Segment Start: INPUT RECORDS

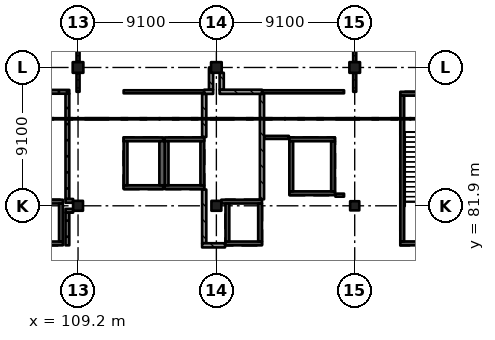
"""IFC4 building model, lengths in metres.
Left out: names, types, materials, properties, quantities, classifications, styles, units other than length and angle.
Written with IfcOpenShell. Run it as: python <this file> out.ifc"""

import sys

from ifc_helpers import new_model, si_unit, direction, frame, frame_2d, origin, origin_2d, place, context, subcontext, project, spatial, rectangle, extrude, element, fill, save


model = new_model("IFC4")
c1 = context("Model", 3, precision=1e-05, world=origin(), true_north=direction((0.0, 1.0)))
c2 = subcontext(c1, "Body", "Model", "MODEL_VIEW")
j1 = project(units=[si_unit("LENGTHUNIT", "METRE"), si_unit("PLANEANGLEUNIT", "RADIAN")], contexts=[c1])
p1 = place(None, origin())
s1 = spatial("IfcSite", under=j1, at=p1, CompositionType="ELEMENT")
p2 = place(p1, origin())
s2 = spatial("IfcBuilding", under=s1, at=p2, CompositionType="ELEMENT")
p3 = place(p2, frame((0.0, 0.0, 15.47)))
s3 = spatial("IfcBuildingStorey", under=s2, at=p3, CompositionType="ELEMENT", Elevation=15.47)
p4 = place(p3, frame((109.2, 81.9, 0.0), z_axis=(0.0, 0.0, 1.0), x_axis=(1.0, 0.0, 0.0)))
e1 = element("IfcColumn", 1, at=p4, inside=s3, PredefinedType="COLUMN", context=c2, shape_type="SweptSolid", body=[
    extrude(rectangle(XDim=0.65, YDim=0.65, at=origin_2d()), origin(), (0.0, 0.0, 1.0), 4.55),
])
p5 = place(p3, frame((109.2, 91.0, 0.0), z_axis=(0.0, 0.0, 1.0), x_axis=(1.0, 0.0, 0.0)))
e2 = element("IfcColumn", 2, at=p5, inside=s3, PredefinedType="COLUMN", context=c2, shape_type="SweptSolid", body=[
    extrude(rectangle(XDim=0.7, YDim=0.7, at=origin_2d()), origin(), (0.0, 0.0, 1.0), 4.55),
])
p6 = place(p3, frame((118.3, 81.9, 0.0), z_axis=(0.0, 0.0, 1.0), x_axis=(1.0, 0.0, 0.0)))
e3 = element("IfcColumn", 3, at=p6, inside=s3, PredefinedType="COLUMN", context=c2, shape_type="SweptSolid", body=[
    extrude(rectangle(XDim=0.65, YDim=0.65, at=origin_2d()), origin(), (0.0, 0.0, 1.0), 4.55),
])
p7 = place(p3, frame((118.3, 91.0, 0.0), z_axis=(0.0, 0.0, 1.0), x_axis=(1.0, 0.0, 0.0)))
e4 = element("IfcColumn", 4, at=p7, inside=s3, PredefinedType="COLUMN", context=c2, shape_type="SweptSolid", body=[
    extrude(rectangle(XDim=0.7, YDim=0.7, at=origin_2d()), origin(), (0.0, 0.0, 1.0), 4.55),
])
p8 = place(p3, frame((127.4, 81.9, 0.0), z_axis=(0.0, 0.0, 1.0), x_axis=(1.0, 0.0, 0.0)))
e5 = element("IfcColumn", 5, at=p8, inside=s3, PredefinedType="COLUMN", context=c2, shape_type="SweptSolid", body=[
    extrude(rectangle(XDim=0.6, YDim=0.6, at=origin_2d()), origin(), (0.0, 0.0, 1.0), 4.55),
])
p9 = place(p3, frame((127.4, 91.0, 0.0), z_axis=(0.0, 0.0, 1.0), x_axis=(1.0, 0.0, 0.0)))
e6 = element("IfcColumn", 6, at=p9, inside=s3, PredefinedType="COLUMN", context=c2, shape_type="SweptSolid", body=[
    extrude(rectangle(XDim=0.7, YDim=0.7, at=origin_2d()), origin(), (0.0, 0.0, 1.0), 4.55),
])
p10 = place(p3, frame((117.5, 83.125, 0.0), z_axis=(0.0, 0.0, 1.0), x_axis=(-1.0, 0.0, 0.0)))
e7 = element("IfcWall", 7, at=p10, inside=s3, PredefinedType="SHEAR", context=c2, shape_type="SweptSolid", body=[
    extrude(rectangle(XDim=2.6, YDim=0.25, at=frame_2d((1.3, 0.0))), origin(), (0.0, 0.0, 1.0), 4.55),
])
p11 = place(p3, frame((117.5, 86.275, 0.0), z_axis=(0.0, 0.0, 1.0), x_axis=(-1.0, 0.0, 0.0)))
e8 = element("IfcWall", 8, at=p11, inside=s3, PredefinedType="SHEAR", context=c2, shape_type="SweptSolid", body=[
    extrude(rectangle(XDim=2.6, YDim=0.25, at=frame_2d((1.3, 0.0))), origin(), (0.0, 0.0, 1.0), 4.55),
])
p12 = place(p11, frame((0.8, 0.0, 0.0)))
e9 = element("IfcOpeningElement", 9, at=p12, cuts=e8, PredefinedType="OPENING", context=c2, shape_type="SweptSolid", body=[
    extrude(rectangle(XDim=1.0, YDim=2.1, at=frame_2d((0.5, 1.05))), frame((0.0, 0.135, 0.0), z_axis=(0.0, -1.0, 0.0), x_axis=(1.0, 0.0, 0.0)), (0.0, 0.0, 1.0), 0.27),
])
for number, where, z_axis, x_axis in (
    (10, (115.025, 86.15, 0.0), (0.0, 0.0, 1.0), (0.0, -1.0, 0.0)),
    (11, (117.375, 86.15, 0.0), (0.0, 0.0, 1.0), (0.0, -1.0, 0.0)),
):
    element("IfcWall", number, at=place(p3, frame(where, z_axis=z_axis, x_axis=x_axis)), inside=s3, PredefinedType="SHEAR", context=c2, shape_type="SweptSolid", body=[
        extrude(rectangle(XDim=2.9, YDim=0.25, at=frame_2d((1.45, 0.0))), origin(), (0.0, 0.0, 1.0), 4.55),
    ])
p13 = place(p3, frame((114.8, 83.125, 0.0), z_axis=(0.0, 0.0, 1.0), x_axis=(-1.0, 0.0, 0.0)))
e12 = element("IfcWall", 12, at=p13, inside=s3, PredefinedType="SHEAR", context=c2, shape_type="SweptSolid", body=[
    extrude(rectangle(XDim=2.6, YDim=0.25, at=frame_2d((1.3, 0.0))), origin(), (0.0, 0.0, 1.0), 4.55),
])
p14 = place(p3, frame((114.8, 86.275, 0.0), z_axis=(0.0, 0.0, 1.0), x_axis=(-1.0, 0.0, 0.0)))
e13 = element("IfcWall", 13, at=p14, inside=s3, PredefinedType="SHEAR", context=c2, shape_type="SweptSolid", body=[
    extrude(rectangle(XDim=2.6, YDim=0.25, at=frame_2d((1.3, 0.0))), origin(), (0.0, 0.0, 1.0), 4.55),
])
p15 = place(p14, frame((0.8, 0.0, 0.0)))
e14 = element("IfcOpeningElement", 14, at=p15, cuts=e13, PredefinedType="OPENING", context=c2, shape_type="SweptSolid", body=[
    extrude(rectangle(XDim=1.0, YDim=2.1, at=frame_2d((0.5, 1.05))), frame((0.0, 0.135, 0.0), z_axis=(0.0, -1.0, 0.0), x_axis=(1.0, 0.0, 0.0)), (0.0, 0.0, 1.0), 0.27),
])
p16 = place(p3, frame((112.325, 86.15, 0.0), z_axis=(0.0, 0.0, 1.0), x_axis=(0.0, -1.0, 0.0)))
e15 = element("IfcWall", 15, at=p16, inside=s3, PredefinedType="SHEAR", context=c2, shape_type="SweptSolid", body=[
    extrude(rectangle(XDim=2.9, YDim=0.25, at=frame_2d((1.45, 0.0))), origin(), (0.0, 0.0, 1.0), 4.55),
])
p17 = place(p3, frame((114.725, 86.15, 0.0), z_axis=(0.0, 0.0, 1.0), x_axis=(0.0, -1.0, 0.0)))
e16 = element("IfcWall", 16, at=p17, inside=s3, PredefinedType="SHEAR", context=c2, shape_type="SweptSolid", body=[
    extrude(rectangle(XDim=2.9, YDim=0.35, at=frame_2d((1.45, 0.0))), origin(), (0.0, 0.0, 1.0), 4.55),
])
p18 = place(p3, frame((108.2, 79.425, 0.0), z_axis=(0.0, 0.0, 1.0), x_axis=(-1.0, 0.0, 0.0)))
e17 = element("IfcWall", 17, at=p18, inside=s3, PredefinedType="SHEAR", context=c2, shape_type="SweptSolid", body=[
    extrude(rectangle(XDim=2.4, YDim=0.25, at=frame_2d((1.2, 0.0))), origin(), (0.0, 0.0, 1.0), 4.55),
])
p19 = place(p18, frame((0.75, 0.0, 0.0)))
e18 = element("IfcOpeningElement", 18, at=p19, cuts=e17, PredefinedType="OPENING", context=c2, shape_type="SweptSolid", body=[
    extrude(rectangle(XDim=0.9, YDim=2.1, at=frame_2d((0.45, 1.05))), frame((0.0, 0.135, 0.0), z_axis=(0.0, -1.0, 0.0), x_axis=(1.0, 0.0, 0.0)), (0.0, 0.0, 1.0), 0.27),
])
p20 = place(p3, frame((108.2, 82.175, 0.0), z_axis=(0.0, 0.0, 1.0), x_axis=(-1.0, 0.0, 0.0)))
e19 = element("IfcWall", 19, at=p20, inside=s3, PredefinedType="SHEAR", context=c2, shape_type="SweptSolid", body=[
    extrude(rectangle(XDim=2.4, YDim=0.25, at=frame_2d((1.2, 0.0))), origin(), (0.0, 0.0, 1.0), 4.55),
])
p21 = place(p3, frame((108.075, 82.05, 0.0), z_axis=(0.0, 0.0, 1.0), x_axis=(0.0, -1.0, 0.0)))
e20 = element("IfcWall", 20, at=p21, inside=s3, PredefinedType="SHEAR", context=c2, shape_type="SweptSolid", body=[
    extrude(rectangle(XDim=2.5, YDim=0.25, at=frame_2d((1.25, 0.0))), origin(), (0.0, 0.0, 1.0), 4.55),
])
p22 = place(p3, frame((121.3, 79.425, 0.0), z_axis=(0.0, 0.0, 1.0), x_axis=(-1.0, 0.0, 0.0)))
e21 = element("IfcWall", 21, at=p22, inside=s3, PredefinedType="SHEAR", context=c2, shape_type="SweptSolid", body=[
    extrude(rectangle(XDim=2.4, YDim=0.25, at=frame_2d((1.2, 0.0))), origin(), (0.0, 0.0, 1.0), 4.55),
])
p23 = place(p3, frame((121.3, 82.175, 0.0), z_axis=(0.0, 0.0, 1.0), x_axis=(-1.0, 0.0, 0.0)))
e22 = element("IfcWall", 22, at=p23, inside=s3, PredefinedType="SHEAR", context=c2, shape_type="SweptSolid", body=[
    extrude(rectangle(XDim=2.675, YDim=0.25, at=frame_2d((1.337, 0.0))), origin(), (0.0, 0.0, 1.0), 4.55),
])
p24 = place(p3, frame((119.025, 82.05, 0.0), z_axis=(0.0, 0.0, 1.0), x_axis=(0.0, -1.0, 0.0)))
e23 = element("IfcWall", 23, at=p24, inside=s3, PredefinedType="SHEAR", context=c2, shape_type="SweptSolid", body=[
    extrude(rectangle(XDim=2.5, YDim=0.25, at=frame_2d((1.25, 0.0))), origin(), (0.0, 0.0, 1.0), 4.55),
])
p25 = place(p3, frame((121.175, 82.05, 0.0), z_axis=(0.0, 0.0, 1.0), x_axis=(0.0, -1.0, 0.0)))
e24 = element("IfcWall", 24, at=p25, inside=s3, PredefinedType="SHEAR", context=c2, shape_type="SweptSolid", body=[
    extrude(rectangle(XDim=2.5, YDim=0.25, at=frame_2d((1.25, 0.0))), origin(), (0.0, 0.0, 1.0), 4.55),
])
p26 = place(p25, frame((0.9, 0.0, 0.0)))
e25 = element("IfcOpeningElement", 25, at=p26, cuts=e24, PredefinedType="OPENING", context=c2, shape_type="SweptSolid", body=[
    extrude(rectangle(XDim=0.7, YDim=2.1, at=frame_2d((0.35, 1.05))), frame((0.0, 0.135, 0.0), z_axis=(0.0, -1.0, 0.0), x_axis=(1.0, 0.0, 0.0)), (0.0, 0.0, 1.0), 0.27),
])
p27 = place(p3, frame((126.1, 82.725, 0.0), z_axis=(0.0, 0.0, 1.0), x_axis=(-1.0, 0.0, 0.0)))
e26 = element("IfcWall", 26, at=p27, inside=s3, PredefinedType="SHEAR", context=c2, shape_type="SweptSolid", body=[
    extrude(rectangle(XDim=3.0, YDim=0.25, at=frame_2d((1.5, 0.0))), origin(), (0.0, 0.0, 1.0), 4.55),
])
p28 = place(p3, frame((126.1, 86.275, 0.0), z_axis=(0.0, 0.0, 1.0), x_axis=(-1.0, 0.0, 0.0)))
e27 = element("IfcWall", 27, at=p28, inside=s3, PredefinedType="SHEAR", context=c2, shape_type="SweptSolid", body=[
    extrude(rectangle(XDim=3.0, YDim=0.25, at=frame_2d((1.5, 0.0))), origin(), (0.0, 0.0, 1.0), 4.55),
])
p29 = place(p28, frame((0.95, 0.0, 0.0)))
e28 = element("IfcOpeningElement", 28, at=p29, cuts=e27, PredefinedType="OPENING", context=c2, shape_type="SweptSolid", body=[
    extrude(rectangle(XDim=1.1, YDim=2.1, at=frame_2d((0.55, 1.05))), frame((0.0, 0.135, 0.0), z_axis=(0.0, -1.0, 0.0), x_axis=(1.0, 0.0, 0.0)), (0.0, 0.0, 1.0), 0.27),
])
for number, where, z_axis, x_axis in (
    (29, (123.225, 86.15, 0.0), (0.0, 0.0, 1.0), (0.0, -1.0, 0.0)),
    (30, (125.975, 86.15, 0.0), (0.0, 0.0, 1.0), (0.0, -1.0, 0.0)),
):
    element("IfcWall", number, at=place(p3, frame(where, z_axis=z_axis, x_axis=x_axis)), inside=s3, PredefinedType="SHEAR", context=c2, shape_type="SweptSolid", body=[
        extrude(rectangle(XDim=3.3, YDim=0.25, at=frame_2d((1.65, 0.0))), origin(), (0.0, 0.0, 1.0), 4.55),
    ])
p30 = place(p3, frame((135.8, 79.425, 0.0), z_axis=(0.0, 0.0, 1.0), x_axis=(-1.0, 0.0, 0.0)))
e31 = element("IfcWall", 31, at=p30, inside=s3, PredefinedType="SHEAR", context=c2, shape_type="SweptSolid", body=[
    extrude(rectangle(XDim=5.4, YDim=0.25, at=frame_2d((2.7, 0.0))), origin(), (0.0, 0.0, 1.0), 4.55),
])
p31 = place(p3, frame((135.8, 89.275, 0.0), z_axis=(0.0, 0.0, 1.0), x_axis=(-1.0, 0.0, 0.0)))
e32 = element("IfcWall", 32, at=p31, inside=s3, PredefinedType="SHEAR", context=c2, shape_type="SweptSolid", body=[
    extrude(rectangle(XDim=5.4, YDim=0.25, at=frame_2d((2.7, 0.0))), origin(), (0.0, 0.0, 1.0), 4.55),
])
p32 = place(p31, frame((1.5, 0.0, 0.0)))
e33 = element("IfcOpeningElement", 33, at=p32, cuts=e32, PredefinedType="OPENING", context=c2, shape_type="SweptSolid", body=[
    extrude(rectangle(XDim=2.4, YDim=2.1, at=frame_2d((1.2, 1.05))), frame((0.0, 0.135, 0.0), z_axis=(0.0, -1.0, 0.0), x_axis=(1.0, 0.0, 0.0)), (0.0, 0.0, 1.0), 0.27),
])
p33 = place(p3, frame((130.525, 89.15, 0.0), z_axis=(0.0, 0.0, 1.0), x_axis=(0.0, -1.0, 0.0)))
e34 = element("IfcWall", 34, at=p33, inside=s3, PredefinedType="SHEAR", context=c2, shape_type="SweptSolid", body=[
    extrude(rectangle(XDim=9.6, YDim=0.25, at=frame_2d((4.8, 0.0))), origin(), (0.0, 0.0, 1.0), 4.55),
])
p34 = place(p3, frame((108.375, 81.575, 0.0), z_axis=(0.0, 0.0, 1.0), x_axis=(1.0, 0.0, 0.0)))
e35 = element("IfcWall", 35, at=p34, inside=s3, PredefinedType="SOLIDWALL", context=c2, shape_type="SweptSolid", body=[
    extrude(rectangle(XDim=0.5, YDim=0.25, at=frame_2d((0.25, 0.0))), origin(), (0.0, 0.0, 1.0), 4.3),
])
p35 = place(p3, frame((108.5, 79.3, 0.0), z_axis=(0.0, 0.0, 1.0), x_axis=(0.0, 1.0, 0.0)))
e36 = element("IfcWall", 36, at=p35, inside=s3, PredefinedType="SOLIDWALL", context=c2, shape_type="SweptSolid", body=[
    extrude(rectangle(XDim=2.15, YDim=0.25, at=frame_2d((1.075, 0.0))), origin(), (0.0, 0.0, 1.0), 4.3),
])
p36 = place(p3, frame((108.5, 82.35, 0.0), z_axis=(0.0, 0.0, 1.0), x_axis=(0.0, 1.0, 0.0)))
e37 = element("IfcWall", 37, at=p36, inside=s3, PredefinedType="SOLIDWALL", context=c2, shape_type="SweptSolid", body=[
    extrude(rectangle(XDim=6.925, YDim=0.25, at=frame_2d((3.462, 0.0))), origin(), (0.0, 0.0, 1.0), 4.3),
])
p37 = place(p3, frame((108.625, 89.4, 0.0), z_axis=(0.0, 0.0, 1.0), x_axis=(-1.0, 0.0, 0.0)))
e38 = element("IfcWall", 38, at=p37, inside=s3, PredefinedType="SOLIDWALL", context=c2, shape_type="SweptSolid", body=[
    extrude(rectangle(XDim=3.675, YDim=0.25, at=frame_2d((1.837, 0.0))), origin(), (0.0, 0.0, 1.0), 4.3),
])
p38 = place(p37, frame((1.45, 0.0, 0.0)))
e39 = element("IfcOpeningElement", 39, at=p38, cuts=e38, PredefinedType="OPENING", context=c2, shape_type="SweptSolid", body=[
    extrude(rectangle(XDim=0.8, YDim=2.1, at=frame_2d((0.4, 1.05))), frame((0.0, 0.135, 0.0), z_axis=(0.0, -1.0, 0.0), x_axis=(1.0, 0.0, 0.0)), (0.0, 0.0, 1.0), 0.27),
])
p39 = place(p3, frame((108.875, 82.225, 0.0), z_axis=(0.0, 0.0, 1.0), x_axis=(-1.0, 0.0, 0.0)))
e40 = element("IfcWall", 40, at=p39, inside=s3, PredefinedType="SOLIDWALL", context=c2, shape_type="SweptSolid", body=[
    extrude(rectangle(XDim=0.5, YDim=0.25, at=frame_2d((0.25, 0.0))), origin(), (0.0, 0.0, 1.0), 4.3),
])
p40 = place(p3, frame((109.2, 89.4, 0.0), z_axis=(0.0, 0.0, 1.0), x_axis=(0.0, 1.0, 0.0)))
e41 = element("IfcWall", 41, at=p40, inside=s3, PredefinedType="PARTITIONING", context=c2, shape_type="SweptSolid", body=[
    extrude(rectangle(XDim=1.25, YDim=0.2, at=frame_2d((0.625, 0.0))), origin(), (0.0, 0.0, 1.0), 3.55),
])
p41 = place(p3, frame((109.2, 91.35, 0.0), z_axis=(0.0, 0.0, 1.0), x_axis=(0.0, 1.0, 0.0)))
e42 = element("IfcWall", 42, at=p41, inside=s3, PredefinedType="PARTITIONING", context=c2, shape_type="SweptSolid", body=[
    extrude(rectangle(XDim=6.95, YDim=0.2, at=frame_2d((3.475, 0.0))), origin(), (0.0, 0.0, 1.0), 3.55),
])
p42 = place(p41, frame((0.85, 0.0, 0.0)))
e43 = element("IfcOpeningElement", 43, at=p42, cuts=e42, PredefinedType="OPENING", context=c2, shape_type="SweptSolid", body=[
    extrude(rectangle(XDim=1.8, YDim=2.4, at=frame_2d((0.9, 1.2))), frame((0.0, 0.11, 0.0), z_axis=(0.0, -1.0, 0.0), x_axis=(1.0, 0.0, 0.0)), (0.0, 0.0, 1.0), 0.22),
])
p43 = place(p41, frame((4.35, 0.0, 0.0)))
e44 = element("IfcOpeningElement", 44, at=p43, cuts=e42, PredefinedType="OPENING", context=c2, shape_type="SweptSolid", body=[
    extrude(rectangle(XDim=1.8, YDim=2.4, at=frame_2d((0.9, 1.2))), frame((0.0, 0.11, 0.0), z_axis=(0.0, -1.0, 0.0), x_axis=(1.0, 0.0, 0.0)), (0.0, 0.0, 1.0), 0.22),
])
p44 = place(p3, frame((117.5, 79.438, 0.0), z_axis=(0.0, 0.0, 1.0), x_axis=(0.0, 1.0, 0.0)))
e45 = element("IfcWall", 45, at=p44, inside=s3, PredefinedType="SOLIDWALL", context=c2, shape_type="SweptSolid", body=[
    extrude(rectangle(XDim=3.532, YDim=0.275, at=frame_2d((1.766, 0.0))), origin(), (0.0, 0.0, 1.0), 4.3),
])
p45 = place(p3, frame((117.5, 86.43, 0.0), z_axis=(0.0, 0.0, 1.0), x_axis=(0.0, 1.0, 0.0)))
e46 = element("IfcWall", 46, at=p45, inside=s3, PredefinedType="SOLIDWALL", context=c2, shape_type="SweptSolid", body=[
    extrude(rectangle(XDim=2.833, YDim=0.275, at=frame_2d((1.416, 0.0))), origin(), (0.0, 0.0, 1.0), 4.3),
])
p46 = place(p3, frame((117.5, 89.4, 0.0), z_axis=(0.0, 0.0, 1.0), x_axis=(-1.0, 0.0, 0.0)))
e47 = element("IfcWall", 47, at=p46, inside=s3, PredefinedType="PARTITIONING", context=c2, shape_type="SweptSolid", body=[
    extrude(rectangle(XDim=5.3, YDim=0.2, at=frame_2d((2.65, 0.0))), origin(), (0.0, 0.0, 1.0), 4.3),
])
p47 = place(p46, frame((1.75, 0.0, 0.0)))
e48 = element("IfcOpeningElement", 48, at=p47, cuts=e47, PredefinedType="OPENING", context=c2, shape_type="SweptSolid", body=[
    extrude(rectangle(XDim=1.8, YDim=2.4, at=frame_2d((0.9, 1.2))), frame((0.0, 0.11, 0.0), z_axis=(0.0, -1.0, 0.0), x_axis=(1.0, 0.0, 0.0)), (0.0, 0.0, 1.0), 0.22),
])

Segment End: INPUT RECORDS

§ **TASK TO COMPLETE**: When the word "COLUMN" shows up in a line of the entries, pull that line out.

§ **EXERCISE SOLUTION**:
e1 = element("IfcColumn", 1, at=p4, inside=s3, PredefinedType="COLUMN", context=c2, shape_type="SweptSolid", body=[
e2 = element("IfcColumn", 2, at=p5, inside=s3, PredefinedType="COLUMN", context=c2, shape_type="SweptSolid", body=[
e3 = element("IfcColumn", 3, at=p6, inside=s3, PredefinedType="COLUMN", context=c2, shape_type="SweptSolid", body=[
e4 = element("IfcColumn", 4, at=p7, inside=s3, PredefinedType="COLUMN", context=c2, shape_type="SweptSolid", body=[
e5 = element("IfcColumn", 5, at=p8, inside=s3, PredefinedType="COLUMN", context=c2, shape_type="SweptSolid", body=[
e6 = element("IfcColumn", 6, at=p9, inside=s3, PredefinedType="COLUMN", context=c2, shape_type="SweptSolid", body=[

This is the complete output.